'''

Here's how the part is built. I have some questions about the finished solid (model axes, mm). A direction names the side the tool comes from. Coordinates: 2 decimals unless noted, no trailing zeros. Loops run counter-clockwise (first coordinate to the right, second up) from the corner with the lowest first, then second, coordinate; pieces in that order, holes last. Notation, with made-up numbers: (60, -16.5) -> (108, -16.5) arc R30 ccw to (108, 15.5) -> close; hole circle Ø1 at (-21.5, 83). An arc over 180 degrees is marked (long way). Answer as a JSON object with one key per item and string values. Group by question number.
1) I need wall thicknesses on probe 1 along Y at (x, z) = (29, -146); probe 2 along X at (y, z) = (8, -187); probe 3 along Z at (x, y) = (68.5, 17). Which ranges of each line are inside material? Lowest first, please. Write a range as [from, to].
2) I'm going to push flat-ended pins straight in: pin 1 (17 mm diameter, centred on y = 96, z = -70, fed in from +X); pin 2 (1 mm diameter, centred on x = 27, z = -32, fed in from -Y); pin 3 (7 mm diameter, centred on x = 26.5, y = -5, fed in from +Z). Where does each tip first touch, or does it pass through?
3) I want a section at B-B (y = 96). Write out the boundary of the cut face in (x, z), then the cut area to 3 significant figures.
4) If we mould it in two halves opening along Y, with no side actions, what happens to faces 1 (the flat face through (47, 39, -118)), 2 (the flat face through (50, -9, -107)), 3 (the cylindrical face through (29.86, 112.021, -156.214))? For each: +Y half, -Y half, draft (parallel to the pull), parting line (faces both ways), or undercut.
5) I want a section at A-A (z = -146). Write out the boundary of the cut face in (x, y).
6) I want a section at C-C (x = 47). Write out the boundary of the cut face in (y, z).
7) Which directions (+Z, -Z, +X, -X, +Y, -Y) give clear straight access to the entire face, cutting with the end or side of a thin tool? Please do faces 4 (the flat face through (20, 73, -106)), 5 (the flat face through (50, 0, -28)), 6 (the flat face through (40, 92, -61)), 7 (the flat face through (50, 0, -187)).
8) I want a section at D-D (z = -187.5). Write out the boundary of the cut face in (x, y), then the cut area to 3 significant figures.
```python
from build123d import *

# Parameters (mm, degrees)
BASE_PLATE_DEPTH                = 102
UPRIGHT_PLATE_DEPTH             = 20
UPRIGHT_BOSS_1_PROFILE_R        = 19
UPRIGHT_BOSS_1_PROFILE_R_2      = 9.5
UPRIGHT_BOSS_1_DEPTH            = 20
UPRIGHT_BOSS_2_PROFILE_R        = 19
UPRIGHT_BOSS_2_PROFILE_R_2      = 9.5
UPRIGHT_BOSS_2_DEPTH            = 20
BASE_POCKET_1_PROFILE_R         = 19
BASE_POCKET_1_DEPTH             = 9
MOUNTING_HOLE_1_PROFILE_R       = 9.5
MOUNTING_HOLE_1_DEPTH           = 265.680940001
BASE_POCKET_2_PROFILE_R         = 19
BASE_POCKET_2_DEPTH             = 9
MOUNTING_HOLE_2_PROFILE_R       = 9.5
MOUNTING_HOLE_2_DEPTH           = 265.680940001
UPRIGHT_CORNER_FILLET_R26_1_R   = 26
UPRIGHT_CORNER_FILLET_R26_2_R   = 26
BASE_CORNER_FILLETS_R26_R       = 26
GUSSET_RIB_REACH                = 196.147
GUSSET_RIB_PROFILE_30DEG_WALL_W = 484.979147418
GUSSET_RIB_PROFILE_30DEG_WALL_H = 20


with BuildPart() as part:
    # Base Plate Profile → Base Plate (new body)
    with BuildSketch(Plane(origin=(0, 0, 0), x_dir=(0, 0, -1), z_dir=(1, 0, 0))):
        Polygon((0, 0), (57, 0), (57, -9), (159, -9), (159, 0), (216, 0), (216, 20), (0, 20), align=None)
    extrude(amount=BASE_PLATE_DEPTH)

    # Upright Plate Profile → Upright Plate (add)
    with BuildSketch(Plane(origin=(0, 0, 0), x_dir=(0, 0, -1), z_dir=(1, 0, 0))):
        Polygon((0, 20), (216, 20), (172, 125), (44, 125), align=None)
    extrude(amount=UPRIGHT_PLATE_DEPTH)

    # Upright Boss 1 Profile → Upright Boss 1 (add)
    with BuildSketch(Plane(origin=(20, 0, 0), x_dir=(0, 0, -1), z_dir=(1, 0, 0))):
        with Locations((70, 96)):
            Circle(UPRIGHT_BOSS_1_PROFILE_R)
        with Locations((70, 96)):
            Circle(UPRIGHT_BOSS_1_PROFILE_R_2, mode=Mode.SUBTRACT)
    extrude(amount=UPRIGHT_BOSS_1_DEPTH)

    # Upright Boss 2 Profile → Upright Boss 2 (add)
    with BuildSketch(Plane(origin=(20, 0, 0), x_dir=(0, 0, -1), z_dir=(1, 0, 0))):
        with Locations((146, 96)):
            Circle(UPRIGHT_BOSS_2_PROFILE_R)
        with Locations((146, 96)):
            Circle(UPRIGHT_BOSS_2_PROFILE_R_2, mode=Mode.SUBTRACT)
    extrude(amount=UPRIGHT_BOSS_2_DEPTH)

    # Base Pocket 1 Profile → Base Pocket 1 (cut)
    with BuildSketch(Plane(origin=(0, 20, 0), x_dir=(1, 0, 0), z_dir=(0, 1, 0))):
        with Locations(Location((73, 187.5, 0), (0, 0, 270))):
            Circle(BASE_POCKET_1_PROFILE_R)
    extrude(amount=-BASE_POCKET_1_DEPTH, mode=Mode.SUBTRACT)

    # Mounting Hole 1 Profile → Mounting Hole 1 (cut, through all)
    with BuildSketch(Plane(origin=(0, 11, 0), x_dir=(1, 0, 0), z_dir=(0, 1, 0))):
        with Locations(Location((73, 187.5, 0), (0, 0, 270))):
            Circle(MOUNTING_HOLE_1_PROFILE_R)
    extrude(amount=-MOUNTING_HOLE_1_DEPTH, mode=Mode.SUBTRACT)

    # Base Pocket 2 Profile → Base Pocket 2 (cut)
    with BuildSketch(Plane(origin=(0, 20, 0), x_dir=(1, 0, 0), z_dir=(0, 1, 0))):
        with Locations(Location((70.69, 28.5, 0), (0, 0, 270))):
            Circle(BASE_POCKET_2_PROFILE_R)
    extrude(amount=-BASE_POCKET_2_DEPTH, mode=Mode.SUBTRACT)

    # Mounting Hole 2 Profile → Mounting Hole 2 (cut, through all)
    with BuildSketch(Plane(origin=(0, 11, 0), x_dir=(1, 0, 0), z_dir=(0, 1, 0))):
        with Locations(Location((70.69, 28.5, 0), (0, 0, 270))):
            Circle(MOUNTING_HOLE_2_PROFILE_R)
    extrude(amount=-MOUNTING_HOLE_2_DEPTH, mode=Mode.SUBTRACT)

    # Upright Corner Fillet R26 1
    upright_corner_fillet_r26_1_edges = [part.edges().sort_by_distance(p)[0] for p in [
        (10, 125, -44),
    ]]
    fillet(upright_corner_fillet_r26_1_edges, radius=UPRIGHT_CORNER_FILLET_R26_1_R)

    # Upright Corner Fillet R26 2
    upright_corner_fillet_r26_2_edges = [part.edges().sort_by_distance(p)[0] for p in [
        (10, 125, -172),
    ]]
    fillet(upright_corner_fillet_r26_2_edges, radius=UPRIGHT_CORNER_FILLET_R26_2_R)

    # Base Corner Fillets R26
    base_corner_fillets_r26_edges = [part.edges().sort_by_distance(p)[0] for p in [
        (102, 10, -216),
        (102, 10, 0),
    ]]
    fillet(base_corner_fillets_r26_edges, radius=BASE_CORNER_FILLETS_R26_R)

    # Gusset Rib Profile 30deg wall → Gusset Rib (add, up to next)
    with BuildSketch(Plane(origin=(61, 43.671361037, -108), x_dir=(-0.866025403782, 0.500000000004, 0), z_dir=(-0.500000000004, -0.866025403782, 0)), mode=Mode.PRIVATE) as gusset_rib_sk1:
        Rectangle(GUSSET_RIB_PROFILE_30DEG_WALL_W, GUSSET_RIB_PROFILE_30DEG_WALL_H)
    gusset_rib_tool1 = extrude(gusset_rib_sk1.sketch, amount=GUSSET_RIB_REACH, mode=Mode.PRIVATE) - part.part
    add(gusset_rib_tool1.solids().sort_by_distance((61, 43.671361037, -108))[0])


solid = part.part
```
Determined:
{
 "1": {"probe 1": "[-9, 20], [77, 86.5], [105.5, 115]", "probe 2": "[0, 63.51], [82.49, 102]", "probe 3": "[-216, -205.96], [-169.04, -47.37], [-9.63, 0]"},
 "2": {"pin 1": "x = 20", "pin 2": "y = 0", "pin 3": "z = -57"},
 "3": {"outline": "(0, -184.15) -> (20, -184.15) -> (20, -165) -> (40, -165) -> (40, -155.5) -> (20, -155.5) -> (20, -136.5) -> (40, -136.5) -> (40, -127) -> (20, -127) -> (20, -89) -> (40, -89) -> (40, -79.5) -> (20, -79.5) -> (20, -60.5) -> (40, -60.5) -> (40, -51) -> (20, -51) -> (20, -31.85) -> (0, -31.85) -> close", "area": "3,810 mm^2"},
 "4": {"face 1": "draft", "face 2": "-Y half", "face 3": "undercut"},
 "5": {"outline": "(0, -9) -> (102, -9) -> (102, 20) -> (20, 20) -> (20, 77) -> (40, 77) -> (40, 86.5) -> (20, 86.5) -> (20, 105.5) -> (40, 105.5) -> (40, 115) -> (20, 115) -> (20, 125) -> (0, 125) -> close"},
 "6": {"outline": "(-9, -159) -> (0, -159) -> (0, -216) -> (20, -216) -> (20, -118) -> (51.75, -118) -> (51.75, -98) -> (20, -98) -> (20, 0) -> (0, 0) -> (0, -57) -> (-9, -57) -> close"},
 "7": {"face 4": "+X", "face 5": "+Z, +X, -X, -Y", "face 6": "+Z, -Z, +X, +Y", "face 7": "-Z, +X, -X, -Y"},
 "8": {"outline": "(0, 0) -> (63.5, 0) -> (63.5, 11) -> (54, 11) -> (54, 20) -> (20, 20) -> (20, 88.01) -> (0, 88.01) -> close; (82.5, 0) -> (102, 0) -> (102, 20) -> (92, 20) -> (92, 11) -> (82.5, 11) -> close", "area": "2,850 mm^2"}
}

'''

**ACTIVITY**
Select all lines in the listing above where the word "area" appears, and show them.

**EXERCISE ANSWER**
3) I want a section at B-B (y = 96). Write out the boundary of the cut face in (x, z), then the cut area to 3 significant figures.
8) I want a section at D-D (z = -187.5). Write out the boundary of the cut face in (x, y), then the cut area to 3 significant figures.
 "3": {"outline": "(0, -184.15) -> (20, -184.15) -> (20, -165) -> (40, -165) -> (40, -155.5) -> (20, -155.5) -> (20, -136.5) -> (40, -136.5) -> (40, -127) -> (20, -127) -> (20, -89) -> (40, -89) -> (40, -79.5) -> (20, -79.5) -> (20, -60.5) -> (40, -60.5) -> (40, -51) -> (20, -51) -> (20, -31.85) -> (0, -31.85) -> close", "area": "3,810 mm^2"},
 "8": {"outline": "(0, 0) -> (63.5, 0) -> (63.5, 11) -> (54, 11) -> (54, 20) -> (20, 20) -> (20, 88.01) -> (0, 88.01) -> close; (82.5, 0) -> (102, 0) -> (102, 20) -> (92, 20) -> (92, 11) -> (82.5, 11) -> close", "area": "2,850 mm^2"}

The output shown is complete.